**TASK BRIEF**
When "subcontext" occurs in a line of the material, copy that line.

^^^^

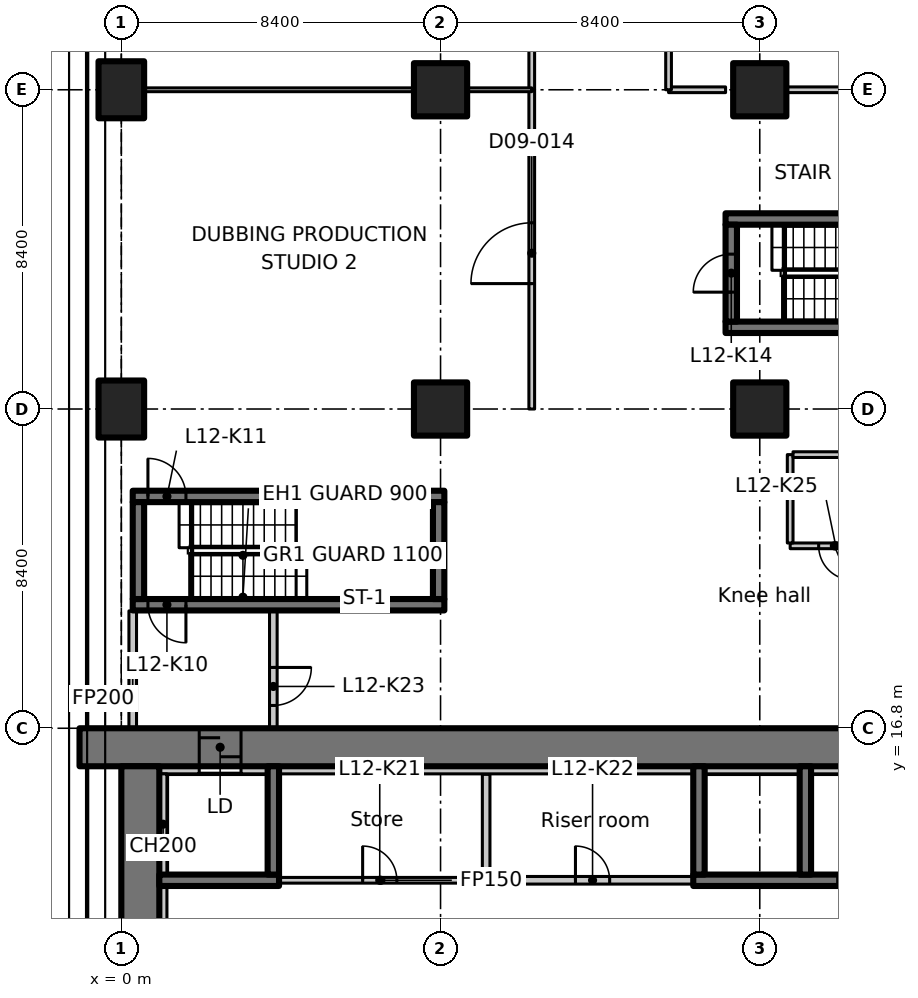
"""IFC4 building model, lengths in metres.
Left out: names, types, materials, properties, quantities, classifications, styles, units other than length and angle.
Written with IfcOpenShell. Run it as: python <this file> out.ifc"""

import sys

from ifc_helpers import new_model, si_unit, direction, frame, frame_2d, origin, origin_2d, place, context, subcontext, project, spatial, rectangle, extrude, element, fill, save


model = new_model("IFC4")
c1 = context("Model", 3, precision=1e-05, world=origin(), true_north=direction((0.0, 1.0)))
c2 = subcontext(c1, "Body", "Model", "MODEL_VIEW")
j1 = project(units=[si_unit("LENGTHUNIT", "METRE"), si_unit("PLANEANGLEUNIT", "RADIAN")], contexts=[c1])
p1 = place(None, origin())
s1 = spatial("IfcSite", under=j1, at=p1, CompositionType="ELEMENT")
p2 = place(p1, origin())
s2 = spatial("IfcBuilding", under=s1, at=p2, CompositionType="ELEMENT")
p3 = place(p2, frame((0.0, 0.0, 58.1)))
s3 = spatial("IfcBuildingStorey", under=s2, at=p3, CompositionType="ELEMENT", Elevation=58.1)
for number, where, z_axis, x_axis in (
    (1, (0.0, 25.2, 0.0), (0.0, 0.0, 1.0), (1.0, 0.0, 0.0)),
    (2, (0.0, 33.6, 0.0), (0.0, 0.0, 1.0), (1.0, 0.0, 0.0)),
):
    element("IfcColumn", number, at=place(p3, frame(where, z_axis=z_axis, x_axis=x_axis)), inside=s3, PredefinedType="COLUMN", context=c2, shape_type="SweptSolid", body=[
        extrude(rectangle(XDim=1.2, YDim=1.5, at=origin_2d()), origin(), (0.0, 0.0, 1.0), 3.35),
    ])
for number, where, z_axis, x_axis in (
    (3, (8.4, 25.2, 0.0), (0.0, 0.0, 1.0), (1.0, 0.0, 0.0)),
    (4, (8.4, 33.6, 0.0), (0.0, 0.0, 1.0), (1.0, 0.0, 0.0)),
    (5, (16.8, 25.2, 0.0), (0.0, 0.0, 1.0), (1.0, 0.0, 0.0)),
    (6, (16.8, 33.6, 0.0), (0.0, 0.0, 1.0), (1.0, 0.0, 0.0)),
):
    element("IfcColumn", number, at=place(p3, frame(where, z_axis=z_axis, x_axis=x_axis)), inside=s3, PredefinedType="COLUMN", context=c2, shape_type="SweptSolid", body=[
        extrude(rectangle(XDim=1.4, YDim=1.4, at=origin_2d()), origin(), (0.0, 0.0, 1.0), 3.35),
    ])
p4 = place(p3, frame((-1.1, 16.3, 0.0), z_axis=(0.0, 0.0, 1.0), x_axis=(1.0, 0.0, 0.0)))
e7 = element("IfcWall", 7, at=p4, inside=s3, PredefinedType="SHEAR", context=c2, shape_type="SweptSolid", body=[
    extrude(rectangle(XDim=22.1, YDim=1.0, at=frame_2d((11.05, 0.0))), origin(), (0.0, 0.0, 1.0), 3.35),
])
p5 = place(p4, frame((3.15, 0.0, 0.0)))
e8 = element("IfcOpeningElement", 8, at=p5, cuts=e7, PredefinedType="OPENING", context=c2, shape_type="SweptSolid", body=[
    extrude(rectangle(XDim=1.1, YDim=2.3, at=frame_2d((0.55, 1.15))), frame((0.0, 0.51, 0.0), z_axis=(0.0, -1.0, 0.0), x_axis=(1.0, 0.0, 0.0)), (0.0, 0.0, 1.0), 1.02),
])
p6 = place(p3, frame((0.5, 6.936, 0.0), z_axis=(0.0, 0.0, 1.0), x_axis=(0.0, 1.0, 0.0)))
e9 = element("IfcWall", 9, at=p6, inside=s3, PredefinedType="SHEAR", context=c2, shape_type="SweptSolid", body=[
    extrude(rectangle(XDim=8.864, YDim=1.0, at=frame_2d((4.432, 0.0))), origin(), (0.0, 0.0, 1.0), 3.35),
])
p7 = place(p3, frame((1.0, 15.7, 0.0), z_axis=(0.0, 0.0, 1.0), x_axis=(1.0, 0.0, 0.0)))
e10 = element("IfcWall", 10, at=p7, inside=s3, PredefinedType="PARTITIONING", context=c2, shape_type="SweptSolid", body=[
    extrude(rectangle(XDim=1.05, YDim=0.2, at=frame_2d((0.525, 0.0))), origin(), (0.0, 0.0, 1.0), 3.35),
])
p8 = place(p3, frame((1.0, 12.8, 0.0), z_axis=(0.0, 0.0, 1.0), x_axis=(1.0, 0.0, 0.0)))
e11 = element("IfcWall", 11, at=p8, inside=s3, PredefinedType="SHEAR", context=c2, shape_type="SweptSolid", body=[
    extrude(rectangle(XDim=3.15, YDim=0.3, at=frame_2d((1.575, 0.0))), origin(), (0.0, 0.0, 1.0), 3.35),
])
p9 = place(p3, frame((4.0, 12.95, 0.0), z_axis=(0.0, 0.0, 1.0), x_axis=(0.0, 1.0, 0.0)))
e12 = element("IfcWall", 12, at=p9, inside=s3, PredefinedType="SHEAR", context=c2, shape_type="SweptSolid", body=[
    extrude(rectangle(XDim=2.85, YDim=0.3, at=frame_2d((1.425, 0.0))), origin(), (0.0, 0.0, 1.0), 3.35),
])
p10 = place(p3, frame((15.05, 12.8, 0.0), z_axis=(0.0, 0.0, 1.0), x_axis=(1.0, 0.0, 0.0)))
e13 = element("IfcWall", 13, at=p10, inside=s3, PredefinedType="SHEAR", context=c2, shape_type="SweptSolid", body=[
    extrude(rectangle(XDim=5.9, YDim=0.3, at=frame_2d((2.95, 0.0))), origin(), (0.0, 0.0, 1.0), 3.35),
])
p11 = place(p10, frame((3.8, 0.0, 0.0)))
e14 = element("IfcOpeningElement", 14, at=p11, cuts=e13, PredefinedType="OPENING", context=c2, shape_type="SweptSolid", body=[
    extrude(rectangle(XDim=1.1, YDim=2.3, at=frame_2d((0.55, 1.15))), frame((0.0, 0.16, 0.0), z_axis=(0.0, -1.0, 0.0), x_axis=(1.0, 0.0, 0.0)), (0.0, 0.0, 1.0), 0.32),
])
for number, where, z_axis, x_axis in (
    (15, (15.2, 12.95, 0.0), (0.0, 0.0, 1.0), (0.0, 1.0, 0.0)),
    (16, (18.0, 12.95, 0.0), (0.0, 0.0, 1.0), (0.0, 1.0, 0.0)),
):
    element("IfcWall", number, at=place(p3, frame(where, z_axis=z_axis, x_axis=x_axis)), inside=s3, PredefinedType="SHEAR", context=c2, shape_type="SweptSolid", body=[
        extrude(rectangle(XDim=2.85, YDim=0.3, at=frame_2d((1.425, 0.0))), origin(), (0.0, 0.0, 1.0), 3.35),
    ])
p12 = place(p3, frame((8.5, 20.05, 0.0), z_axis=(0.0, 0.0, 1.0), x_axis=(-1.0, 0.0, 0.0)))
e17 = element("IfcWall", 17, at=p12, inside=s3, PredefinedType="SHEAR", context=c2, shape_type="SweptSolid", body=[
    extrude(rectangle(XDim=8.2, YDim=0.3, at=frame_2d((4.1, 0.0))), origin(), (0.0, 0.0, 1.0), 3.35),
])
p13 = place(p12, frame((6.8, 0.0, 0.0)))
e18 = element("IfcOpeningElement", 18, at=p13, cuts=e17, PredefinedType="OPENING", context=c2, shape_type="SweptSolid", body=[
    extrude(rectangle(XDim=1.0, YDim=2.1, at=frame_2d((0.5, 1.05))), frame((0.0, 0.16, 0.0), z_axis=(0.0, -1.0, 0.0), x_axis=(1.0, 0.0, 0.0)), (0.0, 0.0, 1.0), 0.32),
])
p14 = place(p3, frame((0.3, 22.9, 0.0), z_axis=(0.0, 0.0, 1.0), x_axis=(1.0, 0.0, 0.0)))
e19 = element("IfcWall", 19, at=p14, inside=s3, PredefinedType="SHEAR", context=c2, shape_type="SweptSolid", body=[
    extrude(rectangle(XDim=8.2, YDim=0.3, at=frame_2d((4.1, 0.0))), origin(), (0.0, 0.0, 1.0), 3.35),
])
p15 = place(p14, frame((0.4, 0.0, 0.0)))
e20 = element("IfcOpeningElement", 20, at=p15, cuts=e19, PredefinedType="OPENING", context=c2, shape_type="SweptSolid", body=[
    extrude(rectangle(XDim=1.0, YDim=2.1, at=frame_2d((0.5, 1.05))), frame((0.0, 0.16, 0.0), z_axis=(0.0, -1.0, 0.0), x_axis=(1.0, 0.0, 0.0)), (0.0, 0.0, 1.0), 0.32),
])
for number, where, z_axis, x_axis in (
    (21, (0.45, 20.2, 0.0), (0.0, 0.0, 1.0), (0.0, 1.0, 0.0)),
    (22, (8.35, 20.2, 0.0), (0.0, 0.0, 1.0), (0.0, 1.0, 0.0)),
):
    element("IfcWall", number, at=place(p3, frame(where, z_axis=z_axis, x_axis=x_axis)), inside=s3, PredefinedType="SHEAR", context=c2, shape_type="SweptSolid", body=[
        extrude(rectangle(XDim=2.55, YDim=0.3, at=frame_2d((1.275, 0.0))), origin(), (0.0, 0.0, 1.0), 3.35),
    ])
for number, where, z_axis, x_axis in (
    (23, (15.9, 27.35, 0.0), (0.0, 0.0, 1.0), (1.0, 0.0, 0.0)),
    (24, (15.9, 30.2, 0.0), (0.0, 0.0, 1.0), (1.0, 0.0, 0.0)),
):
    element("IfcWall", number, at=place(p3, frame(where, z_axis=z_axis, x_axis=x_axis)), inside=s3, PredefinedType="SHEAR", context=c2, shape_type="SweptSolid", body=[
        extrude(rectangle(XDim=8.2, YDim=0.3, at=frame_2d((4.1, 0.0))), origin(), (0.0, 0.0, 1.0), 3.35),
    ])
p16 = place(p3, frame((16.05, 27.5, 0.0), z_axis=(0.0, 0.0, 1.0), x_axis=(0.0, 1.0, 0.0)))
e25 = element("IfcWall", 25, at=p16, inside=s3, PredefinedType="SHEAR", context=c2, shape_type="SweptSolid", body=[
    extrude(rectangle(XDim=2.55, YDim=0.3, at=frame_2d((1.275, 0.0))), origin(), (0.0, 0.0, 1.0), 3.35),
])
p17 = place(p16, frame((0.775, 0.0, 0.0)))
e26 = element("IfcOpeningElement", 26, at=p17, cuts=e25, PredefinedType="OPENING", context=c2, shape_type="SweptSolid", body=[
    extrude(rectangle(XDim=1.0, YDim=2.1, at=frame_2d((0.5, 1.05))), frame((0.0, 0.16, 0.0), z_axis=(0.0, -1.0, 0.0), x_axis=(1.0, 0.0, 0.0)), (0.0, 0.0, 1.0), 0.32),
])
p18 = place(p3, frame((0.3, 16.812, 0.0), z_axis=(0.0, 0.0, 1.0), x_axis=(0.0, 1.0, 0.0)))
e27 = element("IfcWall", 27, at=p18, inside=s3, PredefinedType="PARTITIONING", context=c2, shape_type="SweptSolid", body=[
    extrude(rectangle(XDim=3.076, YDim=0.2, at=frame_2d((1.538, 0.0))), origin(), (0.0, 0.0, 1.0), 2.98),
])
p19 = place(p3, frame((4.0, 19.888, 0.0), z_axis=(0.0, 0.0, 1.0), x_axis=(0.0, -1.0, 0.0)))
e28 = element("IfcWall", 28, at=p19, inside=s3, PredefinedType="PARTITIONING", context=c2, shape_type="SweptSolid", body=[
    extrude(rectangle(XDim=3.076, YDim=0.2, at=frame_2d((1.538, 0.0))), origin(), (0.0, 0.0, 1.0), 3.35),
])
p20 = place(p19, frame((1.488, 0.0, 0.0)))
e29 = element("IfcOpeningElement", 29, at=p20, cuts=e28, PredefinedType="OPENING", context=c2, shape_type="SweptSolid", body=[
    extrude(rectangle(XDim=1.0, YDim=2.1, at=frame_2d((0.5, 1.05))), frame((0.0, 0.11, 0.0), z_axis=(0.0, -1.0, 0.0), x_axis=(1.0, 0.0, 0.0)), (0.0, 0.0, 1.0), 0.22),
])
p21 = place(p3, frame((9.6, 15.588, 0.0), z_axis=(0.0, 0.0, 1.0), x_axis=(0.0, -1.0, 0.0)))
e30 = element("IfcWall", 30, at=p21, inside=s3, PredefinedType="PARTITIONING", context=c2, shape_type="SweptSolid", body=[
    extrude(rectangle(XDim=2.788, YDim=0.2, at=frame_2d((1.394, 0.0))), origin(), (0.0, 0.0, 1.0), 3.35),
])
p22 = place(p3, frame((9.7, 12.8, 0.0), z_axis=(0.0, 0.0, 1.0), x_axis=(1.0, 0.0, 0.0)))
e31 = element("IfcWall", 31, at=p22, inside=s3, PredefinedType="PARTITIONING", context=c2, shape_type="SweptSolid", body=[
    extrude(rectangle(XDim=5.338, YDim=0.2, at=frame_2d((2.669, 0.0))), origin(), (0.0, 0.0, 1.0), 3.35),
])
p23 = place(p22, frame((2.25, 0.0, 0.0)))
e32 = element("IfcOpeningElement", 32, at=p23, cuts=e31, PredefinedType="OPENING", context=c2, shape_type="SweptSolid", body=[
    extrude(rectangle(XDim=0.9, YDim=2.1, at=frame_2d((0.45, 1.05))), frame((0.0, 0.11, 0.0), z_axis=(0.0, -1.0, 0.0), x_axis=(1.0, 0.0, 0.0)), (0.0, 0.0, 1.0), 0.22),
])
p24 = place(p3, frame((4.162, 12.8, 0.0), z_axis=(0.0, 0.0, 1.0), x_axis=(1.0, 0.0, 0.0)))
e33 = element("IfcWall", 33, at=p24, inside=s3, PredefinedType="PARTITIONING", context=c2, shape_type="SweptSolid", body=[
    extrude(rectangle(XDim=5.338, YDim=0.15, at=frame_2d((2.669, 0.0))), origin(), (0.0, 0.0, 1.0), 3.35),
])
p25 = place(p24, frame((2.188, 0.0, 0.0)))
e34 = element("IfcOpeningElement", 34, at=p25, cuts=e33, PredefinedType="OPENING", context=c2, shape_type="SweptSolid", body=[
    extrude(rectangle(XDim=0.9, YDim=2.1, at=frame_2d((0.45, 1.05))), frame((0.0, 0.085, 0.0), z_axis=(0.0, -1.0, 0.0), x_axis=(1.0, 0.0, 0.0)), (0.0, 0.0, 1.0), 0.17),
])
p26 = place(p3, frame((19.925, 21.6, 0.0), z_axis=(0.0, 0.0, 1.0), x_axis=(-1.0, 0.0, 0.0)))
e35 = element("IfcWall", 35, at=p26, inside=s3, PredefinedType="PARTITIONING", context=c2, shape_type="SweptSolid", body=[
    extrude(rectangle(XDim=2.325, YDim=0.15, at=frame_2d((1.163, 0.0))), origin(), (0.0, 0.0, 1.0), 3.35),
])
p27 = place(p26, frame((0.675, 0.0, 0.0)))
e36 = element("IfcOpeningElement", 36, at=p27, cuts=e35, PredefinedType="OPENING", context=c2, shape_type="SweptSolid", body=[
    extrude(rectangle(XDim=0.9, YDim=2.1, at=frame_2d((0.45, 1.05))), frame((0.0, 0.085, 0.0), z_axis=(0.0, -1.0, 0.0), x_axis=(1.0, 0.0, 0.0)), (0.0, 0.0, 1.0), 0.17),
])
p28 = place(p3, frame((17.6, 21.675, 0.0), z_axis=(0.0, 0.0, 1.0), x_axis=(0.0, 1.0, 0.0)))
e37 = element("IfcWall", 37, at=p28, inside=s3, PredefinedType="PARTITIONING", context=c2, shape_type="SweptSolid", body=[
    extrude(rectangle(XDim=2.325, YDim=0.15, at=frame_2d((1.163, 0.0))), origin(), (0.0, 0.0, 1.0), 3.35),
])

^^^^

**REPLY**
from ifc_helpers import new_model, si_unit, direction, frame, frame_2d, origin, origin_2d, place, context, subcontext, project, spatial, rectangle, extrude, element, fill, save
c2 = subcontext(c1, "Body", "Model", "MODEL_VIEW")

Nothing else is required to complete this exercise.